[Opening INFORMATION PROVIDED section]

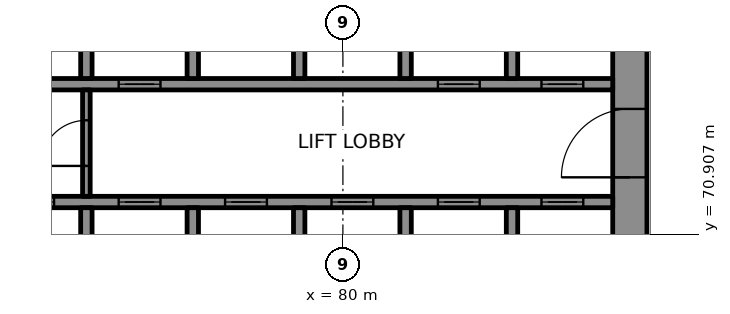
"""IFC4 building model, lengths in metres.
Left out: names, types, materials, properties, quantities, classifications, styles, units other than length and angle.
Written with IfcOpenShell. Run it as: python <this file> out.ifc"""

import sys

from ifc_helpers import new_model, si_unit, direction, frame, frame_2d, origin, place, context, subcontext, project, spatial, rectangle, extrude, element, fill, save


model = new_model("IFC4")
c1 = context("Model", 3, precision=1e-05, world=origin(), true_north=direction((0.0, 1.0)))
c2 = subcontext(c1, "Body", "Model", "MODEL_VIEW")
j1 = project(units=[si_unit("LENGTHUNIT", "METRE"), si_unit("PLANEANGLEUNIT", "RADIAN")], contexts=[c1])
p1 = place(None, origin())
s1 = spatial("IfcSite", under=j1, at=p1, CompositionType="ELEMENT")
p2 = place(p1, origin())
s2 = spatial("IfcBuilding", under=s1, at=p2, CompositionType="ELEMENT")
p3 = place(p2, frame((0.0, 0.0, 82.0)))
s3 = spatial("IfcBuildingStorey", under=s2, at=p3, CompositionType="ELEMENT", Elevation=82.0)
p4 = place(p3, frame((87.55, 66.9, 0.0), z_axis=(0.0, 0.0, 1.0), x_axis=(0.0, 1.0, 0.0)))
e1 = element("IfcWall", 1, at=p4, inside=s3, PredefinedType="SHEAR", context=c2, shape_type="SweptSolid", body=[
    extrude(rectangle(XDim=16.2, YDim=0.9, at=frame_2d((8.1, 0.0))), origin(), (0.0, 0.0, 1.0), 4.0),
])
p5 = place(p4, frame((5.5, 0.0, 0.0)))
e2 = element("IfcOpeningElement", 2, at=p5, cuts=e1, PredefinedType="OPENING", context=c2, shape_type="SweptSolid", body=[
    extrude(rectangle(XDim=1.8, YDim=2.1, at=frame_2d((0.9, 1.05))), frame((0.0, 0.46, 0.0), z_axis=(0.0, -1.0, 0.0), x_axis=(1.0, 0.0, 0.0)), (0.0, 0.0, 1.0), 0.92),
])
p6 = place(p4, frame((11.738, 0.0, 0.0)))
e3 = element("IfcOpeningElement", 3, at=p6, cuts=e1, PredefinedType="OPENING", context=c2, shape_type="SweptSolid", body=[
    extrude(rectangle(XDim=0.9, YDim=2.1, at=frame_2d((0.45, 1.05))), frame((0.0, 0.46, 0.0), z_axis=(0.0, -1.0, 0.0), x_axis=(1.0, 0.0, 0.0)), (0.0, 0.0, 1.0), 0.92),
])
p7 = place(p3, frame((70.3, 71.75, 0.0), z_axis=(0.0, 0.0, 1.0), x_axis=(1.0, 0.0, 0.0)))
e4 = element("IfcWall", 4, at=p7, inside=s3, PredefinedType="SHEAR", context=c2, shape_type="SweptSolid", body=[
    extrude(rectangle(XDim=16.8, YDim=0.3, at=frame_2d((8.4, 0.0))), origin(), (0.0, 0.0, 1.0), 4.0),
])
p8 = place(p7, frame((1.0, 0.0, 0.0)))
e5 = element("IfcOpeningElement", 5, at=p8, cuts=e4, PredefinedType="OPENING", context=c2, shape_type="SweptSolid", body=[
    extrude(rectangle(XDim=1.1, YDim=2.1, at=frame_2d((0.55, 1.05))), frame((0.0, 0.16, 0.0), z_axis=(0.0, -1.0, 0.0), x_axis=(1.0, 0.0, 0.0)), (0.0, 0.0, 1.0), 0.32),
])
p9 = place(p7, frame((3.8, 0.0, 0.0)))
e6 = element("IfcOpeningElement", 6, at=p9, cuts=e4, PredefinedType="OPENING", context=c2, shape_type="SweptSolid", body=[
    extrude(rectangle(XDim=1.1, YDim=2.1, at=frame_2d((0.55, 1.05))), frame((0.0, 0.16, 0.0), z_axis=(0.0, -1.0, 0.0), x_axis=(1.0, 0.0, 0.0)), (0.0, 0.0, 1.0), 0.32),
])
p10 = place(p7, frame((6.6, 0.0, 0.0)))
e7 = element("IfcOpeningElement", 7, at=p10, cuts=e4, PredefinedType="OPENING", context=c2, shape_type="SweptSolid", body=[
    extrude(rectangle(XDim=1.1, YDim=2.1, at=frame_2d((0.55, 1.05))), frame((0.0, 0.16, 0.0), z_axis=(0.0, -1.0, 0.0), x_axis=(1.0, 0.0, 0.0)), (0.0, 0.0, 1.0), 0.32),
])
p11 = place(p7, frame((9.4, 0.0, 0.0)))
e8 = element("IfcOpeningElement", 8, at=p11, cuts=e4, PredefinedType="OPENING", context=c2, shape_type="SweptSolid", body=[
    extrude(rectangle(XDim=1.1, YDim=2.1, at=frame_2d((0.55, 1.05))), frame((0.0, 0.16, 0.0), z_axis=(0.0, -1.0, 0.0), x_axis=(1.0, 0.0, 0.0)), (0.0, 0.0, 1.0), 0.32),
])
p12 = place(p7, frame((12.2, 0.0, 0.0)))
e9 = element("IfcOpeningElement", 9, at=p12, cuts=e4, PredefinedType="OPENING", context=c2, shape_type="SweptSolid", body=[
    extrude(rectangle(XDim=1.1, YDim=2.1, at=frame_2d((0.55, 1.05))), frame((0.0, 0.16, 0.0), z_axis=(0.0, -1.0, 0.0), x_axis=(1.0, 0.0, 0.0)), (0.0, 0.0, 1.0), 0.32),
])
p13 = place(p7, frame((14.925, 0.0, 0.0)))
e10 = element("IfcOpeningElement", 10, at=p13, cuts=e4, PredefinedType="OPENING", context=c2, shape_type="SweptSolid", body=[
    extrude(rectangle(XDim=1.1, YDim=2.1, at=frame_2d((0.55, 1.05))), frame((0.0, 0.16, 0.0), z_axis=(0.0, -1.0, 0.0), x_axis=(1.0, 0.0, 0.0)), (0.0, 0.0, 1.0), 0.32),
])
p14 = place(p3, frame((70.3, 74.85, 0.0), z_axis=(0.0, 0.0, 1.0), x_axis=(1.0, 0.0, 0.0)))
e11 = element("IfcWall", 11, at=p14, inside=s3, PredefinedType="SHEAR", context=c2, shape_type="SweptSolid", body=[
    extrude(rectangle(XDim=16.8, YDim=0.3, at=frame_2d((8.4, 0.0))), origin(), (0.0, 0.0, 1.0), 4.0),
])
p15 = place(p14, frame((3.8, 0.0, 0.0)))
e12 = element("IfcOpeningElement", 12, at=p15, cuts=e11, PredefinedType="OPENING", context=c2, shape_type="SweptSolid", body=[
    extrude(rectangle(XDim=1.1, YDim=2.1, at=frame_2d((0.55, 1.05))), frame((0.0, 0.16, 0.0), z_axis=(0.0, -1.0, 0.0), x_axis=(1.0, 0.0, 0.0)), (0.0, 0.0, 1.0), 0.32),
])
p16 = place(p14, frame((12.2, 0.0, 0.0)))
e13 = element("IfcOpeningElement", 13, at=p16, cuts=e11, PredefinedType="OPENING", context=c2, shape_type="SweptSolid", body=[
    extrude(rectangle(XDim=1.1, YDim=2.1, at=frame_2d((0.55, 1.05))), frame((0.0, 0.16, 0.0), z_axis=(0.0, -1.0, 0.0), x_axis=(1.0, 0.0, 0.0)), (0.0, 0.0, 1.0), 0.32),
])
p17 = place(p14, frame((14.925, 0.0, 0.0)))
e14 = element("IfcOpeningElement", 14, at=p17, cuts=e11, PredefinedType="OPENING", context=c2, shape_type="SweptSolid", body=[
    extrude(rectangle(XDim=1.1, YDim=2.1, at=frame_2d((0.55, 1.05))), frame((0.0, 0.16, 0.0), z_axis=(0.0, -1.0, 0.0), x_axis=(1.0, 0.0, 0.0)), (0.0, 0.0, 1.0), 0.32),
])
for number, where, z_axis, x_axis in (
    (15, (73.25, 69.0, 0.0), (0.0, 0.0, 1.0), (0.0, 1.0, 0.0)),
    (16, (73.25, 75.0, 0.0), (0.0, 0.0, 1.0), (0.0, 1.0, 0.0)),
    (17, (76.05, 69.0, 0.0), (0.0, 0.0, 1.0), (0.0, 1.0, 0.0)),
    (18, (76.05, 75.0, 0.0), (0.0, 0.0, 1.0), (0.0, 1.0, 0.0)),
    (19, (78.85, 69.0, 0.0), (0.0, 0.0, 1.0), (0.0, 1.0, 0.0)),
    (20, (78.85, 75.0, 0.0), (0.0, 0.0, 1.0), (0.0, 1.0, 0.0)),
    (21, (81.65, 69.0, 0.0), (0.0, 0.0, 1.0), (0.0, 1.0, 0.0)),
    (22, (81.65, 75.0, 0.0), (0.0, 0.0, 1.0), (0.0, 1.0, 0.0)),
    (23, (84.45, 69.0, 0.0), (0.0, 0.0, 1.0), (0.0, 1.0, 0.0)),
    (24, (84.45, 75.0, 0.0), (0.0, 0.0, 1.0), (0.0, 1.0, 0.0)),
):
    element("IfcWall", number, at=place(p3, frame(where, z_axis=z_axis, x_axis=x_axis)), inside=s3, PredefinedType="SHEAR", context=c2, shape_type="SweptSolid", body=[
        extrude(rectangle(XDim=2.6, YDim=0.3, at=frame_2d((1.3, 0.0))), origin(), (0.0, 0.0, 1.0), 4.0),
    ])
p18 = place(p3, frame((110.601, 61.239, 0.0), z_axis=(0.0, 0.0, 1.0), x_axis=(-0.499998492585, 0.866026274089, 0.0)))
e25 = element("IfcWall", 25, at=p18, inside=s3, PredefinedType="SOLIDWALL", context=c2, shape_type="SweptSolid", body=[
    extrude(rectangle(XDim=59.436, YDim=0.8, at=frame_2d((29.718, 0.0))), origin(), (0.0, 0.0, 1.0), 0.9),
])
p19 = place(p3, frame((73.25, 71.9, 0.0), z_axis=(0.0, 0.0, 1.0), x_axis=(0.0, 1.0, 0.0)))
e26 = element("IfcWall", 26, at=p19, inside=s3, PredefinedType="PARTITIONING", context=c2, shape_type="SweptSolid", body=[
    extrude(rectangle(XDim=2.8, YDim=0.2, at=frame_2d((1.4, 0.0))), origin(), (0.0, 0.0, 1.0), 4.0),
])
p20 = place(p19, frame((0.8, 0.0, 0.0)))
e27 = element("IfcOpeningElement", 27, at=p20, cuts=e26, PredefinedType="OPENING", context=c2, shape_type="SweptSolid", body=[
    extrude(rectangle(XDim=1.2, YDim=2.1, at=frame_2d((0.6, 1.05))), frame((0.0, 0.11, 0.0), z_axis=(0.0, -1.0, 0.0), x_axis=(1.0, 0.0, 0.0)), (0.0, 0.0, 1.0), 0.22),
])
p21 = place(p8, origin())
e28 = element("IfcDoor", 28, at=p21, inside=s3, OperationType="DOUBLE_DOOR_SLIDING", PredefinedType="DOOR", context=c2, shape_type="SweptSolid", body=[
    extrude(rectangle(XDim=1.1, YDim=2.1, at=frame_2d((0.55, 1.05))), frame((0.0, 0.025, 0.0), z_axis=(0.0, -1.0, 0.0), x_axis=(1.0, 0.0, 0.0)), (0.0, 0.0, 1.0), 0.05),
])
fill(e5, e28)
p22 = place(p9, origin())
e29 = element("IfcDoor", 29, at=p22, inside=s3, OperationType="DOUBLE_DOOR_SLIDING", PredefinedType="DOOR", context=c2, shape_type="SweptSolid", body=[
    extrude(rectangle(XDim=1.1, YDim=2.1, at=frame_2d((0.55, 1.05))), frame((0.0, 0.025, 0.0), z_axis=(0.0, -1.0, 0.0), x_axis=(1.0, 0.0, 0.0)), (0.0, 0.0, 1.0), 0.05),
])
fill(e6, e29)
p23 = place(p10, origin())
e30 = element("IfcDoor", 30, at=p23, inside=s3, OperationType="DOUBLE_DOOR_SLIDING", PredefinedType="DOOR", context=c2, shape_type="SweptSolid", body=[
    extrude(rectangle(XDim=1.1, YDim=2.1, at=frame_2d((0.55, 1.05))), frame((0.0, 0.025, 0.0), z_axis=(0.0, -1.0, 0.0), x_axis=(1.0, 0.0, 0.0)), (0.0, 0.0, 1.0), 0.05),
])
fill(e7, e30)
p24 = place(p11, origin())
e31 = element("IfcDoor", 31, at=p24, inside=s3, OperationType="DOUBLE_DOOR_SLIDING", PredefinedType="DOOR", context=c2, shape_type="SweptSolid", body=[
    extrude(rectangle(XDim=1.1, YDim=2.1, at=frame_2d((0.55, 1.05))), frame((0.0, 0.025, 0.0), z_axis=(0.0, -1.0, 0.0), x_axis=(1.0, 0.0, 0.0)), (0.0, 0.0, 1.0), 0.05),
])
fill(e8, e31)
p25 = place(p12, origin())
e32 = element("IfcDoor", 32, at=p25, inside=s3, OperationType="DOUBLE_DOOR_SLIDING", PredefinedType="DOOR", context=c2, shape_type="SweptSolid", body=[
    extrude(rectangle(XDim=1.1, YDim=2.1, at=frame_2d((0.55, 1.05))), frame((0.0, 0.025, 0.0), z_axis=(0.0, -1.0, 0.0), x_axis=(1.0, 0.0, 0.0)), (0.0, 0.0, 1.0), 0.05),
])
fill(e9, e32)
p26 = place(p13, origin())
e33 = element("IfcDoor", 33, at=p26, inside=s3, OperationType="DOUBLE_DOOR_SLIDING", PredefinedType="DOOR", context=c2, shape_type="SweptSolid", body=[
    extrude(rectangle(XDim=1.1, YDim=2.1, at=frame_2d((0.55, 1.05))), frame((0.0, 0.025, 0.0), z_axis=(0.0, -1.0, 0.0), x_axis=(1.0, 0.0, 0.0)), (0.0, 0.0, 1.0), 0.05),
])
fill(e10, e33)
p27 = place(p15, origin())
e34 = element("IfcDoor", 34, at=p27, inside=s3, OperationType="DOUBLE_DOOR_SLIDING", PredefinedType="DOOR", context=c2, shape_type="SweptSolid", body=[
    extrude(rectangle(XDim=1.1, YDim=2.1, at=frame_2d((0.55, 1.05))), frame((0.0, 0.025, 0.0), z_axis=(0.0, -1.0, 0.0), x_axis=(1.0, 0.0, 0.0)), (0.0, 0.0, 1.0), 0.05),
])
fill(e12, e34)
p28 = place(p16, origin())
e35 = element("IfcDoor", 35, at=p28, inside=s3, OperationType="DOUBLE_DOOR_SLIDING", PredefinedType="DOOR", context=c2, shape_type="SweptSolid", body=[
    extrude(rectangle(XDim=1.1, YDim=2.1, at=frame_2d((0.55, 1.05))), frame((0.0, 0.025, 0.0), z_axis=(0.0, -1.0, 0.0), x_axis=(1.0, 0.0, 0.0)), (0.0, 0.0, 1.0), 0.05),
])
fill(e13, e35)
p29 = place(p17, origin())
e36 = element("IfcDoor", 36, at=p29, inside=s3, OperationType="DOUBLE_DOOR_SLIDING", PredefinedType="DOOR", context=c2, shape_type="SweptSolid", body=[
    extrude(rectangle(XDim=1.1, YDim=2.1, at=frame_2d((0.55, 1.05))), frame((0.0, 0.025, 0.0), z_axis=(0.0, -1.0, 0.0), x_axis=(1.0, 0.0, 0.0)), (0.0, 0.0, 1.0), 0.05),
])
fill(e14, e36)
p30 = place(p20, origin())
e37 = element("IfcDoor", 37, at=p30, inside=s3, OperationType="SINGLE_SWING_LEFT", PredefinedType="DOOR", context=c2, shape_type="SweptSolid", body=[
    extrude(rectangle(XDim=1.2, YDim=2.1, at=frame_2d((0.6, 1.05))), frame((0.0, 0.025, 0.0), z_axis=(0.0, -1.0, 0.0), x_axis=(1.0, 0.0, 0.0)), (0.0, 0.0, 1.0), 0.05),
])
fill(e27, e37)
p31 = place(p5, origin())
e38 = element("IfcDoor", 38, at=p31, inside=s3, OperationType="SINGLE_SWING_RIGHT", PredefinedType="DOOR", context=c2, shape_type="SweptSolid", body=[
    extrude(rectangle(XDim=1.8, YDim=2.1, at=frame_2d((0.9, 1.05))), frame((0.0, 0.17, 0.0), z_axis=(0.0, -1.0, 0.0), x_axis=(1.0, 0.0, 0.0)), (0.0, 0.0, 1.0), 0.34),
])
fill(e2, e38)
save(model, sys.argv[1])

[Closing INFORMATION PROVIDED section]

● REQUIRED ACTION: In the data above, please extract the lines from the first one through the line with "from ifc_helpers import", exactly, and keep pictures out.

● OUTPUT BELOW:
"""IFC4 building model, lengths in metres.
Left out: names, types, materials, properties, quantities, classifications, styles, units other than length and angle.
Written with IfcOpenShell. Run it as: python <this file> out.ifc"""

import sys

from ifc_helpers import new_model, si_unit, direction, frame, frame_2d, origin, place, context, subcontext, project, spatial, rectangle, extrude, element, fill, save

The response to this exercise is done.